The problem: Go through the records below line by line. Count the lines with "direction" and give the count alone.

Supplied material:
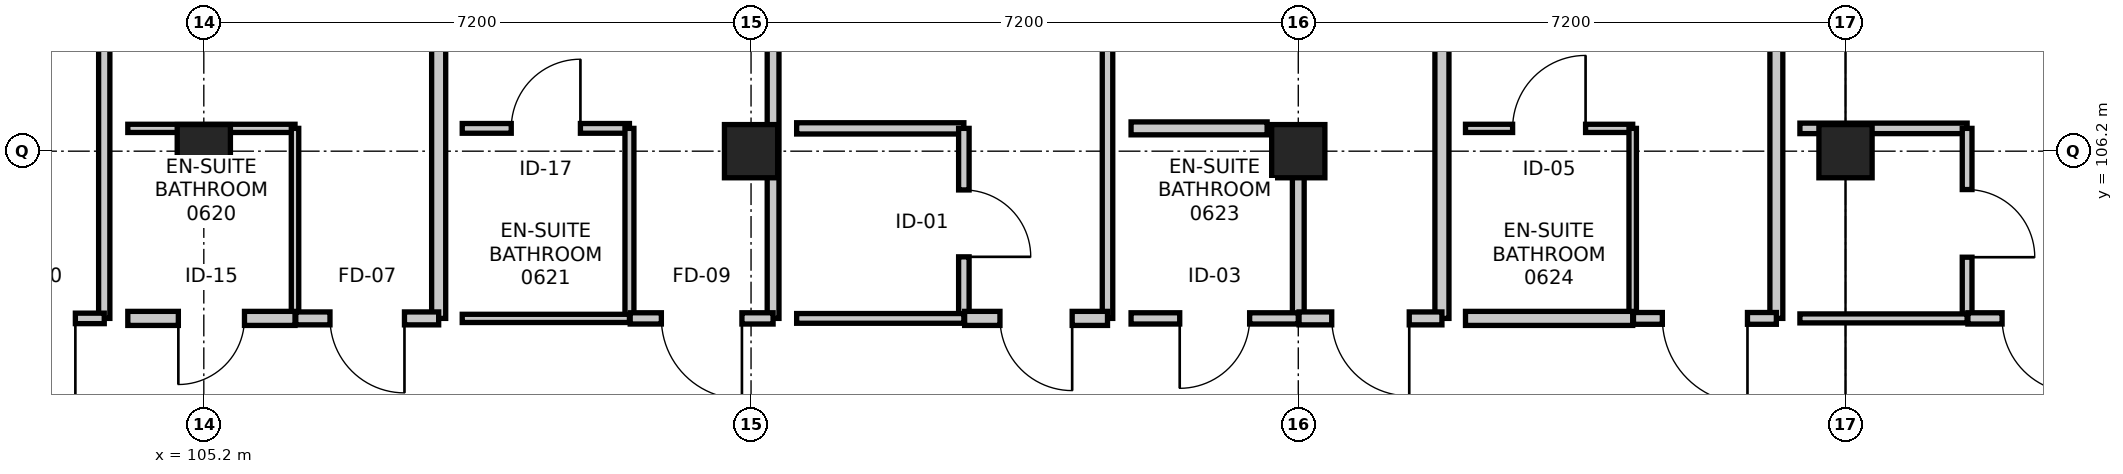
"""IFC4 building model, lengths in metres.
Left out: names, types, materials, properties, quantities, classifications, styles, units other than length and angle.
Written with IfcOpenShell. Run it as: python <this file> out.ifc"""

import sys

from ifc_helpers import new_model, si_unit, direction, frame, frame_2d, origin, origin_2d, place, context, subcontext, project, spatial, rectangle, extrude, element, fill, save


model = new_model("IFC4")
c1 = context("Model", 3, precision=1e-05, world=origin(), true_north=direction((0.0, 1.0)))
c2 = subcontext(c1, "Body", "Model", "MODEL_VIEW")
j1 = project(units=[si_unit("LENGTHUNIT", "METRE"), si_unit("PLANEANGLEUNIT", "RADIAN")], contexts=[c1])
p1 = place(None, origin())
s1 = spatial("IfcSite", under=j1, at=p1, CompositionType="ELEMENT")
p2 = place(p1, origin())
s2 = spatial("IfcBuilding", under=s1, at=p2, CompositionType="ELEMENT")
p3 = place(p2, frame((0.0, 0.0, 26.4)))
s3 = spatial("IfcBuildingStorey", under=s2, at=p3, CompositionType="ELEMENT", Elevation=26.4)
for number, where, z_axis, x_axis in (
    (1, (105.2, 106.2, 0.0), (0.0, 0.0, 1.0), (1.0, 0.0, 0.0)),
    (2, (112.4, 106.2, 0.0), (0.0, 0.0, 1.0), (1.0, 0.0, 0.0)),
    (3, (119.6, 106.2, 0.0), (0.0, 0.0, 1.0), (1.0, 0.0, 0.0)),
    (4, (126.8, 106.2, 0.0), (0.0, 0.0, 1.0), (1.0, 0.0, 0.0)),
):
    element("IfcColumn", number, at=place(p3, frame(where, z_axis=z_axis, x_axis=x_axis)), inside=s3, PredefinedType="COLUMN", context=c2, shape_type="SweptSolid", body=[
        extrude(rectangle(XDim=0.7, YDim=0.7, at=origin_2d()), origin(), (0.0, 0.0, 1.0), 3.6),
    ])
p4 = place(p3, frame((103.89, 116.101, 0.0), z_axis=(0.0, 0.0, 1.0), x_axis=(0.0, -1.0, 0.0)))
e5 = element("IfcWall", 5, at=p4, inside=s3, PredefinedType="PARTITIONING", context=c2, shape_type="SweptSolid", body=[
    extrude(rectangle(XDim=12.101, YDim=0.148, at=frame_2d((6.051, 0.0))), origin(), (0.0, 0.0, 1.0), 2.735),
])
p5 = place(p3, frame((103.89, 104.0, 0.0), z_axis=(0.0, 0.0, 1.0), x_axis=(-1.0, 0.0, 0.0)))
e6 = element("IfcWall", 6, at=p5, inside=s3, PredefinedType="PARTITIONING", context=c2, shape_type="SweptSolid", body=[
    extrude(rectangle(XDim=1.88, YDim=0.138, at=frame_2d((0.94, 0.0))), origin(), (0.0, 0.0, 1.0), 3.35),
])
p6 = place(p5, frame((0.38, 0.0, 0.0)))
e7 = element("IfcOpeningElement", 7, at=p6, cuts=e6, PredefinedType="OPENING", context=c2, shape_type="SweptSolid", body=[
    extrude(rectangle(XDim=1.12, YDim=2.2, at=frame_2d((0.56, 1.1))), frame((0.0, 0.079, 0.0), z_axis=(0.0, -1.0, 0.0), x_axis=(1.0, 0.0, 0.0)), (0.0, 0.0, 1.0), 0.158),
])
p7 = place(p3, frame((104.2, 106.5, 0.0), z_axis=(0.0, 0.0, 1.0), x_axis=(1.0, 0.0, 0.0)))
e8 = element("IfcWall", 8, at=p7, inside=s3, PredefinedType="PARTITIONING", context=c2, shape_type="SweptSolid", body=[
    extrude(rectangle(XDim=2.2, YDim=0.108, at=frame_2d((1.1, 0.0))), origin(), (0.0, 0.0, 1.0), 2.685),
])
p8 = place(p3, frame((106.4, 106.5, 0.0), z_axis=(0.0, 0.0, 1.0), x_axis=(0.0, -1.0, 0.0)))
e9 = element("IfcWall", 9, at=p8, inside=s3, PredefinedType="PARTITIONING", context=c2, shape_type="SweptSolid", body=[
    extrude(rectangle(XDim=2.5, YDim=0.098, at=frame_2d((1.25, 0.0))), origin(), (0.0, 0.0, 1.0), 2.735),
])
p9 = place(p3, frame((106.4, 104.0, 0.0), z_axis=(0.0, 0.0, 1.0), x_axis=(-1.0, 0.0, 0.0)))
e10 = element("IfcWall", 10, at=p9, inside=s3, PredefinedType="PARTITIONING", context=c2, shape_type="SweptSolid", body=[
    extrude(rectangle(XDim=2.2, YDim=0.185, at=frame_2d((1.1, 0.0))), origin(), (0.0, 0.0, 1.0), 2.685),
])
p10 = place(p9, frame((0.665, 0.0, 0.0)))
e11 = element("IfcOpeningElement", 11, at=p10, cuts=e10, PredefinedType="OPENING", context=c2, shape_type="SweptSolid", body=[
    extrude(rectangle(XDim=0.87, YDim=2.07, at=frame_2d((0.435, 1.035))), frame((0.0, 0.103, 0.0), z_axis=(0.0, -1.0, 0.0), x_axis=(1.0, 0.0, 0.0)), (0.0, 0.0, 1.0), 0.205),
])
p11 = place(p3, frame((108.29, 116.006, 0.0), z_axis=(0.0, 0.0, 1.0), x_axis=(0.0, -1.0, 0.0)))
e12 = element("IfcWall", 12, at=p11, inside=s3, PredefinedType="PARTITIONING", context=c2, shape_type="SweptSolid", body=[
    extrude(rectangle(XDim=12.006, YDim=0.185, at=frame_2d((6.003, 0.0))), origin(), (0.0, 0.0, 1.0), 2.735),
])
p12 = place(p3, frame((108.29, 104.0, 0.0), z_axis=(0.0, 0.0, 1.0), x_axis=(-1.0, 0.0, 0.0)))
e13 = element("IfcWall", 13, at=p12, inside=s3, PredefinedType="PARTITIONING", context=c2, shape_type="SweptSolid", body=[
    extrude(rectangle(XDim=1.88, YDim=0.17, at=frame_2d((0.94, 0.0))), origin(), (0.0, 0.0, 1.0), 3.35),
])
p13 = place(p12, frame((0.45, 0.0, 0.0)))
e14 = element("IfcOpeningElement", 14, at=p13, cuts=e13, PredefinedType="OPENING", context=c2, shape_type="SweptSolid", body=[
    extrude(rectangle(XDim=0.98, YDim=2.15, at=frame_2d((0.49, 1.075))), frame((0.0, 0.095, 0.0), z_axis=(0.0, -1.0, 0.0), x_axis=(1.0, 0.0, 0.0)), (0.0, 0.0, 1.0), 0.19),
])
p14 = place(p3, frame((108.6, 106.5, 0.0), z_axis=(0.0, 0.0, 1.0), x_axis=(1.0, 0.0, 0.0)))
e15 = element("IfcWall", 15, at=p14, inside=s3, PredefinedType="PARTITIONING", context=c2, shape_type="SweptSolid", body=[
    extrude(rectangle(XDim=2.2, YDim=0.128, at=frame_2d((1.1, 0.0))), origin(), (0.0, 0.0, 1.0), 3.35),
])
p15 = place(p14, frame((0.645, 0.0, 0.0)))
e16 = element("IfcOpeningElement", 16, at=p15, cuts=e15, PredefinedType="OPENING", context=c2, shape_type="SweptSolid", body=[
    extrude(rectangle(XDim=0.91, YDim=2.11, at=frame_2d((0.455, 1.055))), frame((0.0, 0.074, 0.0), z_axis=(0.0, -1.0, 0.0), x_axis=(1.0, 0.0, 0.0)), (0.0, 0.0, 1.0), 0.148),
])
p16 = place(p3, frame((110.8, 106.5, 0.0), z_axis=(0.0, 0.0, 1.0), x_axis=(0.0, -1.0, 0.0)))
e17 = element("IfcWall", 17, at=p16, inside=s3, PredefinedType="PARTITIONING", context=c2, shape_type="SweptSolid", body=[
    extrude(rectangle(XDim=2.5, YDim=0.118, at=frame_2d((1.25, 0.0))), origin(), (0.0, 0.0, 1.0), 2.735),
])
p17 = place(p3, frame((110.8, 104.0, 0.0), z_axis=(0.0, 0.0, 1.0), x_axis=(-1.0, 0.0, 0.0)))
e18 = element("IfcWall", 18, at=p17, inside=s3, PredefinedType="PARTITIONING", context=c2, shape_type="SweptSolid", body=[
    extrude(rectangle(XDim=2.2, YDim=0.108, at=frame_2d((1.1, 0.0))), origin(), (0.0, 0.0, 1.0), 3.35),
])
p18 = place(p3, frame((112.69, 115.502, 0.0), z_axis=(0.0, 0.0, 1.0), x_axis=(0.0, -1.0, 0.0)))
e19 = element("IfcWall", 19, at=p18, inside=s3, PredefinedType="PARTITIONING", context=c2, shape_type="SweptSolid", body=[
    extrude(rectangle(XDim=11.502, YDim=0.155, at=frame_2d((5.751, 0.0))), origin(), (0.0, 0.0, 1.0), 2.685),
])
p19 = place(p3, frame((112.69, 104.0, 0.0), z_axis=(0.0, 0.0, 1.0), x_axis=(-1.0, 0.0, 0.0)))
e20 = element("IfcWall", 20, at=p19, inside=s3, PredefinedType="PARTITIONING", context=c2, shape_type="SweptSolid", body=[
    extrude(rectangle(XDim=1.88, YDim=0.148, at=frame_2d((0.94, 0.0))), origin(), (0.0, 0.0, 1.0), 2.685),
])
p20 = place(p19, frame((0.41, 0.0, 0.0)))
e21 = element("IfcOpeningElement", 21, at=p20, cuts=e20, PredefinedType="OPENING", context=c2, shape_type="SweptSolid", body=[
    extrude(rectangle(XDim=1.06, YDim=2.2, at=frame_2d((0.53, 1.1))), frame((0.0, 0.084, 0.0), z_axis=(0.0, -1.0, 0.0), x_axis=(1.0, 0.0, 0.0)), (0.0, 0.0, 1.0), 0.168),
])
p21 = place(p3, frame((113.0, 106.5, 0.0), z_axis=(0.0, 0.0, 1.0), x_axis=(1.0, 0.0, 0.0)))
e22 = element("IfcWall", 22, at=p21, inside=s3, PredefinedType="PARTITIONING", context=c2, shape_type="SweptSolid", body=[
    extrude(rectangle(XDim=2.2, YDim=0.148, at=frame_2d((1.1, 0.0))), origin(), (0.0, 0.0, 1.0), 3.35),
])
p22 = place(p3, frame((115.2, 106.5, 0.0), z_axis=(0.0, 0.0, 1.0), x_axis=(0.0, -1.0, 0.0)))
e23 = element("IfcWall", 23, at=p22, inside=s3, PredefinedType="PARTITIONING", context=c2, shape_type="SweptSolid", body=[
    extrude(rectangle(XDim=2.5, YDim=0.138, at=frame_2d((1.25, 0.0))), origin(), (0.0, 0.0, 1.0), 2.735),
])
p23 = place(p22, frame((0.81, 0.0, 0.0)))
e24 = element("IfcOpeningElement", 24, at=p23, cuts=e23, PredefinedType="OPENING", context=c2, shape_type="SweptSolid", body=[
    extrude(rectangle(XDim=0.88, YDim=2.06, at=frame_2d((0.44, 1.03))), frame((0.0, 0.079, 0.0), z_axis=(0.0, -1.0, 0.0), x_axis=(1.0, 0.0, 0.0)), (0.0, 0.0, 1.0), 0.158),
])
p24 = place(p3, frame((115.2, 104.0, 0.0), z_axis=(0.0, 0.0, 1.0), x_axis=(-1.0, 0.0, 0.0)))
e25 = element("IfcWall", 25, at=p24, inside=s3, PredefinedType="PARTITIONING", context=c2, shape_type="SweptSolid", body=[
    extrude(rectangle(XDim=2.2, YDim=0.128, at=frame_2d((1.1, 0.0))), origin(), (0.0, 0.0, 1.0), 3.35),
])
p25 = place(p3, frame((117.09, 115.674, 0.0), z_axis=(0.0, 0.0, 1.0), x_axis=(0.0, -1.0, 0.0)))
e26 = element("IfcWall", 26, at=p25, inside=s3, PredefinedType="PARTITIONING", context=c2, shape_type="SweptSolid", body=[
    extrude(rectangle(XDim=11.674, YDim=0.138, at=frame_2d((5.837, 0.0))), origin(), (0.0, 0.0, 1.0), 2.735),
])
p26 = place(p3, frame((117.09, 104.0, 0.0), z_axis=(0.0, 0.0, 1.0), x_axis=(-1.0, 0.0, 0.0)))
e27 = element("IfcWall", 27, at=p26, inside=s3, PredefinedType="PARTITIONING", context=c2, shape_type="SweptSolid", body=[
    extrude(rectangle(XDim=1.88, YDim=0.185, at=frame_2d((0.94, 0.0))), origin(), (0.0, 0.0, 1.0), 3.35),
])
p27 = place(p26, frame((0.465, 0.0, 0.0)))
e28 = element("IfcOpeningElement", 28, at=p27, cuts=e27, PredefinedType="OPENING", context=c2, shape_type="SweptSolid", body=[
    extrude(rectangle(XDim=0.95, YDim=2.1, at=frame_2d((0.475, 1.05))), frame((0.0, 0.103, 0.0), z_axis=(0.0, -1.0, 0.0), x_axis=(1.0, 0.0, 0.0)), (0.0, 0.0, 1.0), 0.205),
])
p28 = place(p3, frame((117.4, 106.5, 0.0), z_axis=(0.0, 0.0, 1.0), x_axis=(1.0, 0.0, 0.0)))
e29 = element("IfcWall", 29, at=p28, inside=s3, PredefinedType="PARTITIONING", context=c2, shape_type="SweptSolid", body=[
    extrude(rectangle(XDim=1.79, YDim=0.17, at=frame_2d((0.895, 0.0))), origin(), (0.0, 0.0, 1.0), 2.735),
])
p29 = place(p3, frame((119.6, 106.09, 0.0), z_axis=(0.0, 0.0, 1.0), x_axis=(0.0, -1.0, 0.0)))
e30 = element("IfcWall", 30, at=p29, inside=s3, PredefinedType="PARTITIONING", context=c2, shape_type="SweptSolid", body=[
    extrude(rectangle(XDim=2.09, YDim=0.155, at=frame_2d((1.045, 0.0))), origin(), (0.0, 0.0, 1.0), 2.685),
])
p30 = place(p3, frame((119.6, 104.0, 0.0), z_axis=(0.0, 0.0, 1.0), x_axis=(-1.0, 0.0, 0.0)))
e31 = element("IfcWall", 31, at=p30, inside=s3, PredefinedType="PARTITIONING", context=c2, shape_type="SweptSolid", body=[
    extrude(rectangle(XDim=2.2, YDim=0.148, at=frame_2d((1.1, 0.0))), origin(), (0.0, 0.0, 1.0), 2.685),
])
p31 = place(p30, frame((0.64, 0.0, 0.0)))
e32 = element("IfcOpeningElement", 32, at=p31, cuts=e31, PredefinedType="OPENING", context=c2, shape_type="SweptSolid", body=[
    extrude(rectangle(XDim=0.92, YDim=2.1, at=frame_2d((0.46, 1.05))), frame((0.0, 0.084, 0.0), z_axis=(0.0, -1.0, 0.0), x_axis=(1.0, 0.0, 0.0)), (0.0, 0.0, 1.0), 0.168),
])
p32 = place(p3, frame((121.49, 115.444, 0.0), z_axis=(0.0, 0.0, 1.0), x_axis=(0.0, -1.0, 0.0)))
e33 = element("IfcWall", 33, at=p32, inside=s3, PredefinedType="PARTITIONING", context=c2, shape_type="SweptSolid", body=[
    extrude(rectangle(XDim=11.444, YDim=0.185, at=frame_2d((5.722, 0.0))), origin(), (0.0, 0.0, 1.0), 2.735),
])
p33 = place(p3, frame((121.49, 104.0, 0.0), z_axis=(0.0, 0.0, 1.0), x_axis=(-1.0, 0.0, 0.0)))
e34 = element("IfcWall", 34, at=p33, inside=s3, PredefinedType="PARTITIONING", context=c2, shape_type="SweptSolid", body=[
    extrude(rectangle(XDim=1.88, YDim=0.17, at=frame_2d((0.94, 0.0))), origin(), (0.0, 0.0, 1.0), 2.685),
])
p34 = place(p33, frame((0.43, 0.0, 0.0)))
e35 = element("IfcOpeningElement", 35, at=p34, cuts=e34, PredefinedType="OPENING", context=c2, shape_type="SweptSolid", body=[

Response to the task: 2